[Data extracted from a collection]

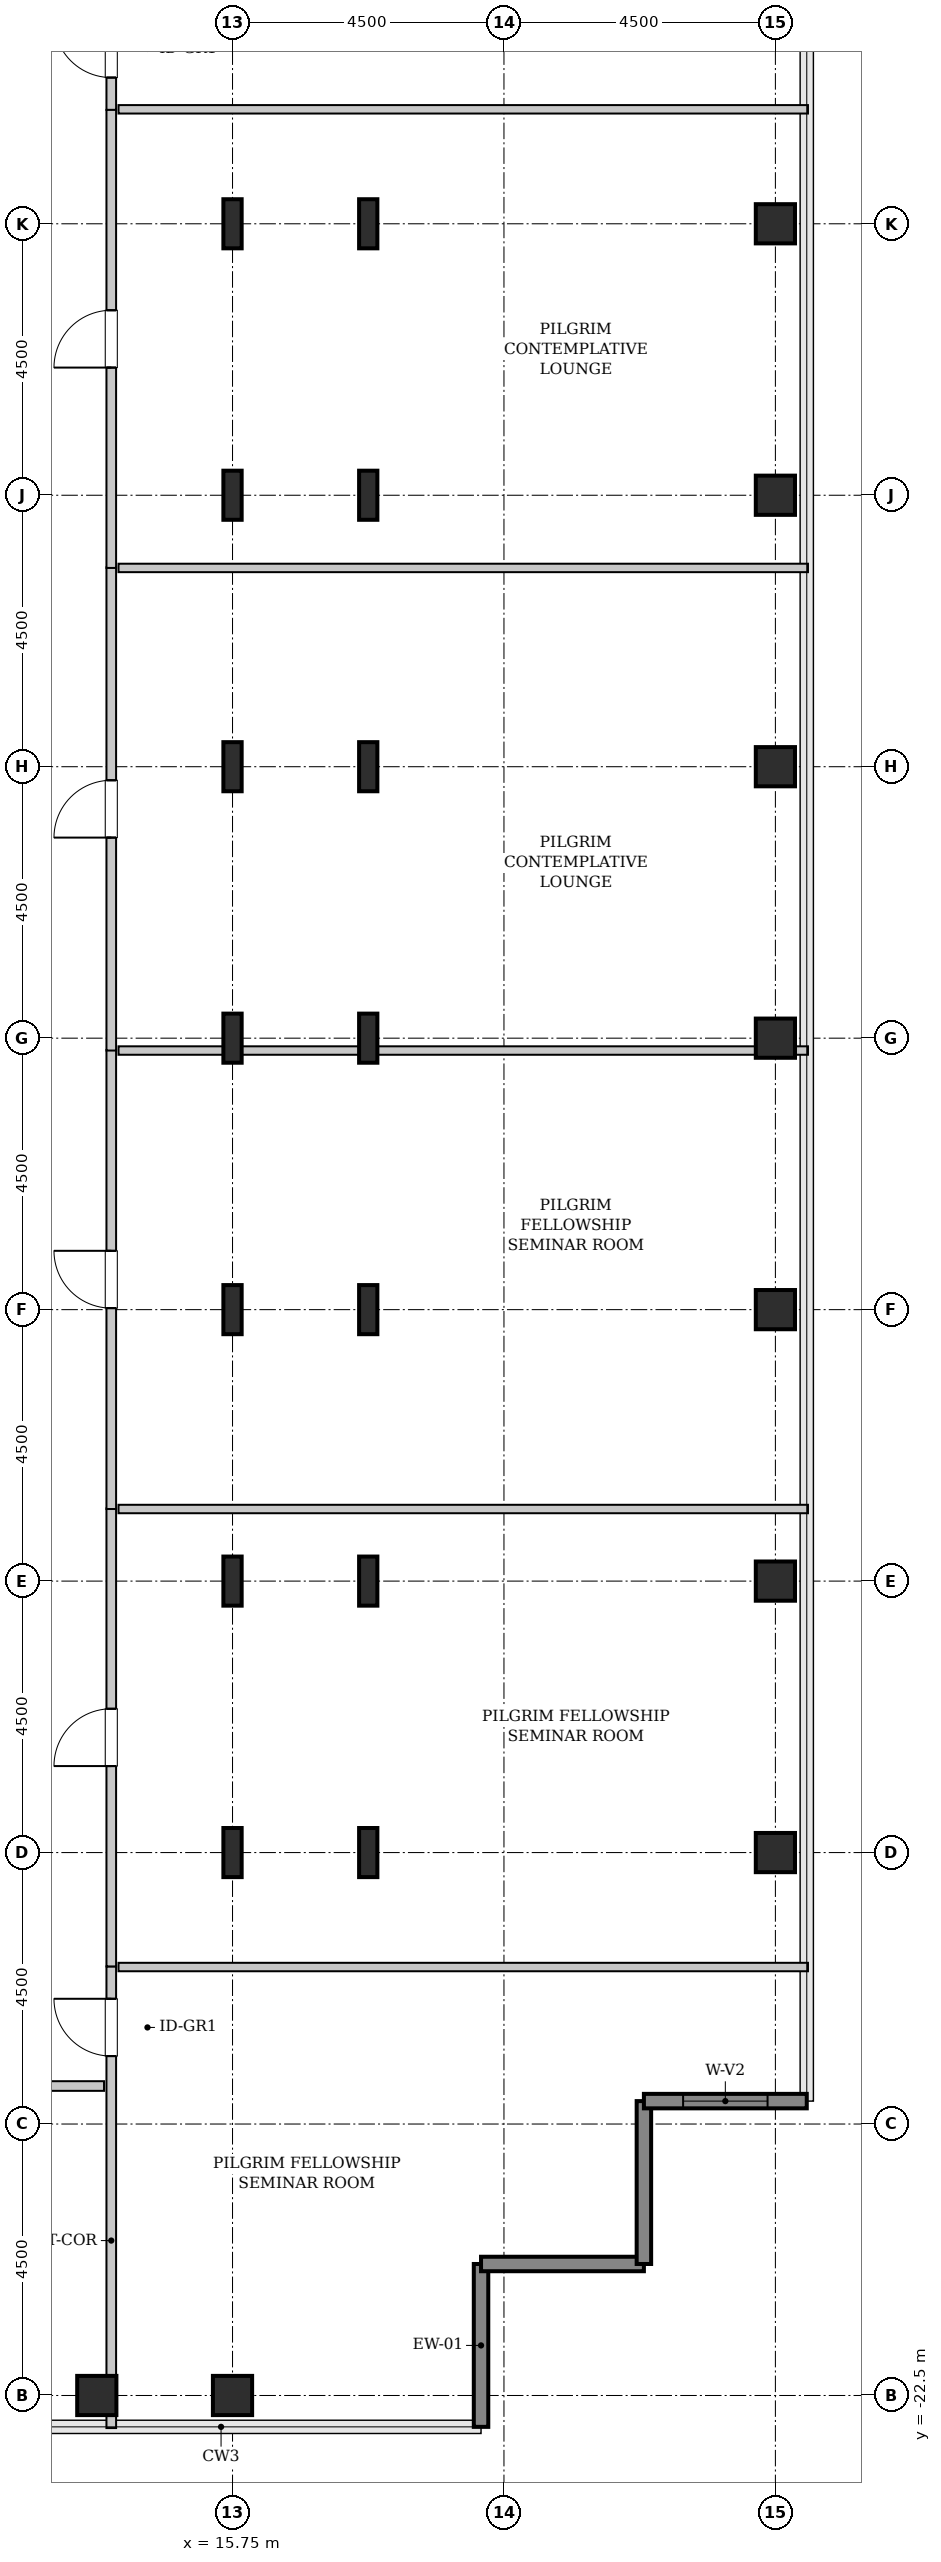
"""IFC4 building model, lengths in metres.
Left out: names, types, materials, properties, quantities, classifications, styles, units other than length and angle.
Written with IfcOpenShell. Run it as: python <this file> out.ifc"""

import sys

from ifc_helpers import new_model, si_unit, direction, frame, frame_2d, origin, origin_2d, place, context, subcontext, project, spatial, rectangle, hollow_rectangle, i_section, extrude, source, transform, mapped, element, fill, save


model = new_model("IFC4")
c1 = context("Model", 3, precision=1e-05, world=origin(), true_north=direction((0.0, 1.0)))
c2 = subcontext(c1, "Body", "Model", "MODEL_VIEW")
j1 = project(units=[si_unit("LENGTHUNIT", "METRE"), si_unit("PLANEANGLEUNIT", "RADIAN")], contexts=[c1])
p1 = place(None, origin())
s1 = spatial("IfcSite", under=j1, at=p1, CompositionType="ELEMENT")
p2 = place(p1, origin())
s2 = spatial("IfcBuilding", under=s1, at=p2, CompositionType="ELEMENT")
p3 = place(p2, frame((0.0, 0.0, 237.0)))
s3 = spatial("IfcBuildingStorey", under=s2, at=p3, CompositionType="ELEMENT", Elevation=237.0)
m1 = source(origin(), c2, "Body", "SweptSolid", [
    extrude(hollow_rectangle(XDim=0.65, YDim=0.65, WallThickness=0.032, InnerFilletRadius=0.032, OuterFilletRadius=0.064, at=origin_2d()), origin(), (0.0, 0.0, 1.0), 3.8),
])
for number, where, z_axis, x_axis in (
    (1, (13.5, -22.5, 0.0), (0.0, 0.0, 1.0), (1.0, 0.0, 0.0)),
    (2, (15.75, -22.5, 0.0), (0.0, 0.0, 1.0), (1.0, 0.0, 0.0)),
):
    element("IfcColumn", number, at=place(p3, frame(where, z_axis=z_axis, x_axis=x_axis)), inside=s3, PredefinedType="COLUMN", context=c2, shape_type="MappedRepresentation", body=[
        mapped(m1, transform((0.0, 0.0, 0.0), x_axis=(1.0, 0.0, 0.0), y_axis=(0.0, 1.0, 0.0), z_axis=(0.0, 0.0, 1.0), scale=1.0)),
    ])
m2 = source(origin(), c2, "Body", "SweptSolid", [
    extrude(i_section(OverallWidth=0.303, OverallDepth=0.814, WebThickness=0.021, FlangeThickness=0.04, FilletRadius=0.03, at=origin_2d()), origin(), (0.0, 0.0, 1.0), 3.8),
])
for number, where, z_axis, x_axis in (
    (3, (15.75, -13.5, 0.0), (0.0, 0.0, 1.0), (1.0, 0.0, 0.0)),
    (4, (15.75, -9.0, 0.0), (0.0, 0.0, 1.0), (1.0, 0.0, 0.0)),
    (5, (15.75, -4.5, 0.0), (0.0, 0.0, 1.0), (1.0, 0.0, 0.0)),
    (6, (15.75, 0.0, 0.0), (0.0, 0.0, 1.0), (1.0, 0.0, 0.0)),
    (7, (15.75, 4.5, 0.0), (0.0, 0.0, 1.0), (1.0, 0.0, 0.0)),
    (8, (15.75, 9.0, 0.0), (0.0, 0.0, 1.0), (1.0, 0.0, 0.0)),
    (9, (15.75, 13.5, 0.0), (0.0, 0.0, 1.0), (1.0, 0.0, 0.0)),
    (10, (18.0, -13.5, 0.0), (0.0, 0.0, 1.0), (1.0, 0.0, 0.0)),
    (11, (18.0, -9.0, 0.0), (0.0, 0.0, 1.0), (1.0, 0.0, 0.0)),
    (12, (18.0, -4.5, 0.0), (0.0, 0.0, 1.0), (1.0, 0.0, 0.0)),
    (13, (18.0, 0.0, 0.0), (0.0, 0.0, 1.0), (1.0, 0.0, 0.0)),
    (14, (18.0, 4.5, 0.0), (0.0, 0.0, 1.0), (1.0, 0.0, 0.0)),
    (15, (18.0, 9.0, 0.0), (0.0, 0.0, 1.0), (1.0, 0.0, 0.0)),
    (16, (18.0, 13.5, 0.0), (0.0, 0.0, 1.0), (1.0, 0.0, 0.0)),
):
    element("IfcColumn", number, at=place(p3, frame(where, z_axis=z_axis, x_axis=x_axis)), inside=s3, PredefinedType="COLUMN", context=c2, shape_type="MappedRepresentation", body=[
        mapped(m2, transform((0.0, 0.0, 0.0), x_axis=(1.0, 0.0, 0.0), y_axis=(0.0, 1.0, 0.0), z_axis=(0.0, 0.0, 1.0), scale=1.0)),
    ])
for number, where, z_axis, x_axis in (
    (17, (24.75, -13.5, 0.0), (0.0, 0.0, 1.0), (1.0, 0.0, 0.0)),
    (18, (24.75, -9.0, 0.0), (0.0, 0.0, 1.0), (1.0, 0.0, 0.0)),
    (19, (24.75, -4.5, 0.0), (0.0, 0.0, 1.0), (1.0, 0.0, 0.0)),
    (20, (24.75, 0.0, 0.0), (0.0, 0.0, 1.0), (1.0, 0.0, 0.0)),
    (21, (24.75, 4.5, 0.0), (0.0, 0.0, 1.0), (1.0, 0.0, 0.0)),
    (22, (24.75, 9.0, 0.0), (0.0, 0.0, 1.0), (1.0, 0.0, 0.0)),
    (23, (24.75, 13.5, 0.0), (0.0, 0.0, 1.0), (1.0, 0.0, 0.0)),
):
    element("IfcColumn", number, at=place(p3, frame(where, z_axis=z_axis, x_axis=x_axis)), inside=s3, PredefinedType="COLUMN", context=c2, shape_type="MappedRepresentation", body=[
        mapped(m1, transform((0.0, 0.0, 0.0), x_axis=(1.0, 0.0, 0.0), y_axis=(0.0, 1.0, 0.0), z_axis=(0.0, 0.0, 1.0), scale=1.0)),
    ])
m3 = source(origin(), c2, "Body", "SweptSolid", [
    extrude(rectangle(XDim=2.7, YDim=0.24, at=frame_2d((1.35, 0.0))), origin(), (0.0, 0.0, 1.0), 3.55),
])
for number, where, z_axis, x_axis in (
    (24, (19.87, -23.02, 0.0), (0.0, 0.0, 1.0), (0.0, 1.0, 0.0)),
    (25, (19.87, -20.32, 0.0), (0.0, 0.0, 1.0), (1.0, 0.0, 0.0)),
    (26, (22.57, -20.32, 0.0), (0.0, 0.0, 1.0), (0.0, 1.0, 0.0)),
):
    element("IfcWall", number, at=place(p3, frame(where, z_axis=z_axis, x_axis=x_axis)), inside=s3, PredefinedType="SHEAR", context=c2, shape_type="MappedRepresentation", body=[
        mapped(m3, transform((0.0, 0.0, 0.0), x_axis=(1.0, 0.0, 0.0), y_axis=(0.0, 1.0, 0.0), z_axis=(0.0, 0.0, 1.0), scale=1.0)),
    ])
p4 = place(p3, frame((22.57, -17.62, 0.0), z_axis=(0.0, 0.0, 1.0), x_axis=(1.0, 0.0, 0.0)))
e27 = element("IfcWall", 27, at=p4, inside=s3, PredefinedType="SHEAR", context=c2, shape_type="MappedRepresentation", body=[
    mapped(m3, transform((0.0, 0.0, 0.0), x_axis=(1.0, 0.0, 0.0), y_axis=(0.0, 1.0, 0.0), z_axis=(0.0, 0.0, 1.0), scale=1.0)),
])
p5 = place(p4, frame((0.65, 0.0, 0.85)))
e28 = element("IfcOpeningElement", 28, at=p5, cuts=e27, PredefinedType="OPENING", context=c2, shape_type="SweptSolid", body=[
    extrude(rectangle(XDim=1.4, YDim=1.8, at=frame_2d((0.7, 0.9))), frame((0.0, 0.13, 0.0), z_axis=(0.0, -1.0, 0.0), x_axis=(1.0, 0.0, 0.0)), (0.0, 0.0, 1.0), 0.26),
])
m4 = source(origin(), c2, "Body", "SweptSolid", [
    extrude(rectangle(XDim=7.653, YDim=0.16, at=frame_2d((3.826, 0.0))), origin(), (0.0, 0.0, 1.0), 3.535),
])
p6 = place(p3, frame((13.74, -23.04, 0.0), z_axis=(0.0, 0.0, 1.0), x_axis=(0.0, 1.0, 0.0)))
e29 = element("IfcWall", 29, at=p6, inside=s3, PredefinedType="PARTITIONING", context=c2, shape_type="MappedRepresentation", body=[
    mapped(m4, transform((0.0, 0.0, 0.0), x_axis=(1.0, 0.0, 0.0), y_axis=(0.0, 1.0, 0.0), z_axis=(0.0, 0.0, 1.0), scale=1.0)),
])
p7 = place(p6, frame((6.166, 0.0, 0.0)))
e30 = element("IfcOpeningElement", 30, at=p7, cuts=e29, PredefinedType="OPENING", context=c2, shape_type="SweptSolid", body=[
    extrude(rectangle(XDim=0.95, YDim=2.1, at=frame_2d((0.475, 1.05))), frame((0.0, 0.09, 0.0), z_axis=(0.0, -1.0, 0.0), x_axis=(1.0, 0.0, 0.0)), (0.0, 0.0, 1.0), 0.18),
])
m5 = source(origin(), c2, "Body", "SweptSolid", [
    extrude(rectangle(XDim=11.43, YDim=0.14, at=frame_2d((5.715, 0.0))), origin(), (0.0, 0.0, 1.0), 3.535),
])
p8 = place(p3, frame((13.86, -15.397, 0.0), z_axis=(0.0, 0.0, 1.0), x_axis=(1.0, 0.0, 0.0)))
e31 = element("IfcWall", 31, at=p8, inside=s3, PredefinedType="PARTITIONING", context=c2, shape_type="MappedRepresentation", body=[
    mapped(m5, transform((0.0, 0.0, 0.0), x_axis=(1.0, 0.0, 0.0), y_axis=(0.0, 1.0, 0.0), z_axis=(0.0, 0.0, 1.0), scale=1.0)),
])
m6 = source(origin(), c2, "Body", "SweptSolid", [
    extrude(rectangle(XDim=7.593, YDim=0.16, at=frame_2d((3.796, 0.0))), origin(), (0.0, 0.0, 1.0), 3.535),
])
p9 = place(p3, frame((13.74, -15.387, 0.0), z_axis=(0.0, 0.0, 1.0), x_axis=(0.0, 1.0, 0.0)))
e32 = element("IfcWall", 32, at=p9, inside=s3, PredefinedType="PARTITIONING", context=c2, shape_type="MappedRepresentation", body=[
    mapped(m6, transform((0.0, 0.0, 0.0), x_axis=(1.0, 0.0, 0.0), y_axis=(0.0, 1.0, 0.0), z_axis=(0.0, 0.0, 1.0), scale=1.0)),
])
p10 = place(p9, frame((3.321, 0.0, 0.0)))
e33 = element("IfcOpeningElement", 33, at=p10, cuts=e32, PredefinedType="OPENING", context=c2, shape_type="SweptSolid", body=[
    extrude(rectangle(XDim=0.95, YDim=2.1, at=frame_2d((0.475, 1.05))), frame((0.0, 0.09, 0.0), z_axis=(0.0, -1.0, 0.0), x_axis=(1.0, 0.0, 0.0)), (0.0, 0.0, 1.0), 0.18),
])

- _Task statement_: Filter the preceding entries down to the lines with "import".

- _Output_:
import sys
from ifc_helpers import new_model, si_unit, direction, frame, frame_2d, origin, origin_2d, place, context, subcontext, project, spatial, rectangle, hollow_rectangle, i_section, extrude, source, transform, mapped, element, fill, save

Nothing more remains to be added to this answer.